** Opening DATA SECTION block **

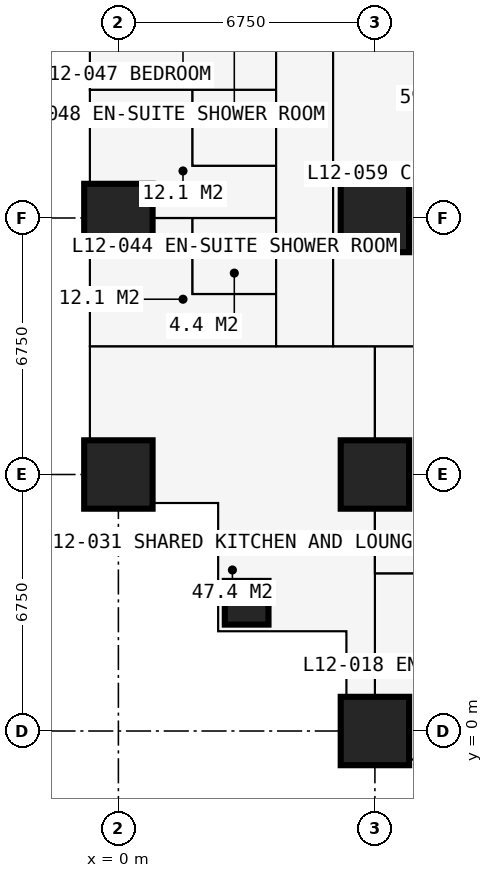
"""IFC4 building model, lengths in metres.
Left out: names, types, materials, properties, quantities, classifications, styles, units other than length and angle.
Written with IfcOpenShell. Run it as: python <this file> out.ifc"""

import sys

from ifc_helpers import new_model, si_unit, direction, frame, frame_2d, origin, origin_2d, place, context, subcontext, project, spatial, rectangle, extrude, element, fill, save


model = new_model("IFC4")
c1 = context("Model", 3, precision=1e-05, world=origin(), true_north=direction((0.0, 1.0)))
c2 = subcontext(c1, "Body", "Model", "MODEL_VIEW")
j1 = project(units=[si_unit("LENGTHUNIT", "METRE"), si_unit("PLANEANGLEUNIT", "RADIAN")], contexts=[c1])
p1 = place(None, origin())
s1 = spatial("IfcSite", under=j1, at=p1, CompositionType="ELEMENT")
p2 = place(p1, origin())
s2 = spatial("IfcBuilding", under=s1, at=p2, CompositionType="ELEMENT")
p3 = place(p2, frame((0.0, 0.0, 46.8)))
s3 = spatial("IfcBuildingStorey", under=s2, at=p3, CompositionType="ELEMENT", Elevation=46.8)
for number, where, z_axis, x_axis in (
    (1, (0.0, 6.75, 0.0), (0.0, 0.0, 1.0), (1.0, 0.0, 0.0)),
    (2, (0.0, 13.5, 0.0), (0.0, 0.0, 1.0), (1.0, 0.0, 0.0)),
):
    element("IfcColumn", number, at=place(p3, frame(where, z_axis=z_axis, x_axis=x_axis)), inside=s3, PredefinedType="COLUMN", context=c2, shape_type="SweptSolid", body=[
        extrude(rectangle(XDim=1.8, YDim=1.8, at=origin_2d()), origin(), (0.0, 0.0, 1.0), 3.6),
    ])
p4 = place(p3, frame((3.375, 3.375, 0.0), z_axis=(0.0, 0.0, 1.0), x_axis=(1.0, 0.0, 0.0)))
e3 = element("IfcColumn", 3, at=p4, inside=s3, PredefinedType="COLUMN", context=c2, shape_type="SweptSolid", body=[
    extrude(rectangle(XDim=1.15, YDim=1.15, at=origin_2d()), origin(), (0.0, 0.0, 1.0), 3.6),
])
for number, where, z_axis, x_axis in (
    (4, (6.75, 0.0, 0.0), (0.0, 0.0, 1.0), (1.0, 0.0, 0.0)),
    (5, (6.75, 6.75, 0.0), (0.0, 0.0, 1.0), (1.0, 0.0, 0.0)),
    (6, (6.75, 13.5, 0.0), (0.0, 0.0, 1.0), (1.0, 0.0, 0.0)),
):
    element("IfcColumn", number, at=place(p3, frame(where, z_axis=z_axis, x_axis=x_axis)), inside=s3, PredefinedType="COLUMN", context=c2, shape_type="SweptSolid", body=[
        extrude(rectangle(XDim=1.8, YDim=1.8, at=origin_2d()), origin(), (0.0, 0.0, 1.0), 3.6),
    ])
p5 = place(p3, frame((-0.75, 13.5, 0.0), z_axis=(0.0, 0.0, 1.0), x_axis=(0.0, 1.0, 0.0)))
e7 = element("IfcWall", 7, at=p5, inside=s3, PredefinedType="SOLIDWALL", context=c2, shape_type="SweptSolid", body=[
    extrude(rectangle(XDim=6.75, YDim=0.15, at=frame_2d((3.375, 0.0))), origin(), (0.0, 0.0, 1.0), 3.375),
])
p6 = place(p5, frame((0.962, 0.0, 0.0)))
e8 = element("IfcOpeningElement", 8, at=p6, cuts=e7, PredefinedType="OPENING", context=c2, shape_type="SweptSolid", body=[
    extrude(rectangle(XDim=1.0, YDim=2.2, at=frame_2d((0.5, 1.1))), frame((0.0, 0.085, 0.0), z_axis=(0.0, -1.0, 0.0), x_axis=(1.0, 0.0, 0.0)), (0.0, 0.0, 1.0), 0.17),
])
p7 = place(p5, frame((2.025, 0.0, 0.9)))
e9 = element("IfcOpeningElement", 9, at=p7, cuts=e7, PredefinedType="OPENING", context=c2, shape_type="SweptSolid", body=[
    extrude(rectangle(XDim=1.2, YDim=1.8, at=frame_2d((0.6, 0.9))), frame((0.0, 0.085, 0.0), z_axis=(0.0, -1.0, 0.0), x_axis=(1.0, 0.0, 0.0)), (0.0, 0.0, 1.0), 0.17),
])
p8 = place(p5, frame((4.788, 0.0, 0.0)))
e10 = element("IfcOpeningElement", 10, at=p8, cuts=e7, PredefinedType="OPENING", context=c2, shape_type="SweptSolid", body=[
    extrude(rectangle(XDim=1.0, YDim=2.2, at=frame_2d((0.5, 1.1))), frame((0.0, 0.085, 0.0), z_axis=(0.0, -1.0, 0.0), x_axis=(1.0, 0.0, 0.0)), (0.0, 0.0, 1.0), 0.17),
])
p9 = place(p5, frame((3.525, 0.0, 0.9)))
e11 = element("IfcOpeningElement", 11, at=p9, cuts=e7, PredefinedType="OPENING", context=c2, shape_type="SweptSolid", body=[
    extrude(rectangle(XDim=1.2, YDim=1.8, at=frame_2d((0.6, 0.9))), frame((0.0, 0.085, 0.0), z_axis=(0.0, -1.0, 0.0), x_axis=(1.0, 0.0, 0.0)), (0.0, 0.0, 1.0), 0.17),
])
p10 = place(p3, frame((-0.75, 6.0, 0.0), z_axis=(0.0, 0.0, 1.0), x_axis=(1.0, 0.0, 0.0)))
e12 = element("IfcWall", 12, at=p10, inside=s3, PredefinedType="SOLIDWALL", context=c2, shape_type="SweptSolid", body=[
    extrude(rectangle(XDim=3.375, YDim=0.3, at=frame_2d((1.688, 0.0))), origin(), (0.0, 0.0, 1.0), 3.375),
])
p11 = place(p10, frame((1.833, 0.0, 0.9)))
e13 = element("IfcOpeningElement", 13, at=p11, cuts=e12, PredefinedType="OPENING", context=c2, shape_type="SweptSolid", body=[
    extrude(rectangle(XDim=1.2, YDim=1.8, at=frame_2d((0.6, 0.9))), frame((0.0, 0.16, 0.0), z_axis=(0.0, -1.0, 0.0), x_axis=(1.0, 0.0, 0.0)), (0.0, 0.0, 1.0), 0.32),
])
p12 = place(p3, frame((2.625, 6.0, 0.0), z_axis=(0.0, 0.0, 1.0), x_axis=(0.0, -1.0, 0.0)))
e14 = element("IfcWall", 14, at=p12, inside=s3, PredefinedType="SOLIDWALL", context=c2, shape_type="SweptSolid", body=[
    extrude(rectangle(XDim=3.375, YDim=0.3, at=frame_2d((1.688, 0.0))), origin(), (0.0, 0.0, 1.0), 3.375),
])
p13 = place(p12, frame((0.788, 0.0, 0.6)))
e15 = element("IfcOpeningElement", 15, at=p13, cuts=e14, PredefinedType="OPENING", context=c2, shape_type="SweptSolid", body=[
    extrude(rectangle(XDim=1.8, YDim=2.1, at=frame_2d((0.9, 1.05))), frame((0.0, 0.16, 0.0), z_axis=(0.0, -1.0, 0.0), x_axis=(1.0, 0.0, 0.0)), (0.0, 0.0, 1.0), 0.32),
])
p14 = place(p3, frame((2.625, 2.625, 0.0), z_axis=(0.0, 0.0, 1.0), x_axis=(1.0, 0.0, 0.0)))
e16 = element("IfcWall", 16, at=p14, inside=s3, PredefinedType="SOLIDWALL", context=c2, shape_type="SweptSolid", body=[
    extrude(rectangle(XDim=3.375, YDim=0.3, at=frame_2d((1.688, 0.0))), origin(), (0.0, 0.0, 1.0), 3.375),
])
p15 = place(p14, frame((0.788, 0.0, 0.6)))
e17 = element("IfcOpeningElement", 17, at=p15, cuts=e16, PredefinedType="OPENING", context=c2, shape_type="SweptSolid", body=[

** Closing DATA SECTION block **

AIM OF THE EXERCISE: Please find how many lines in the records hold "origin", then give that number with nothing else.

EXERCISE SOLUTION: 11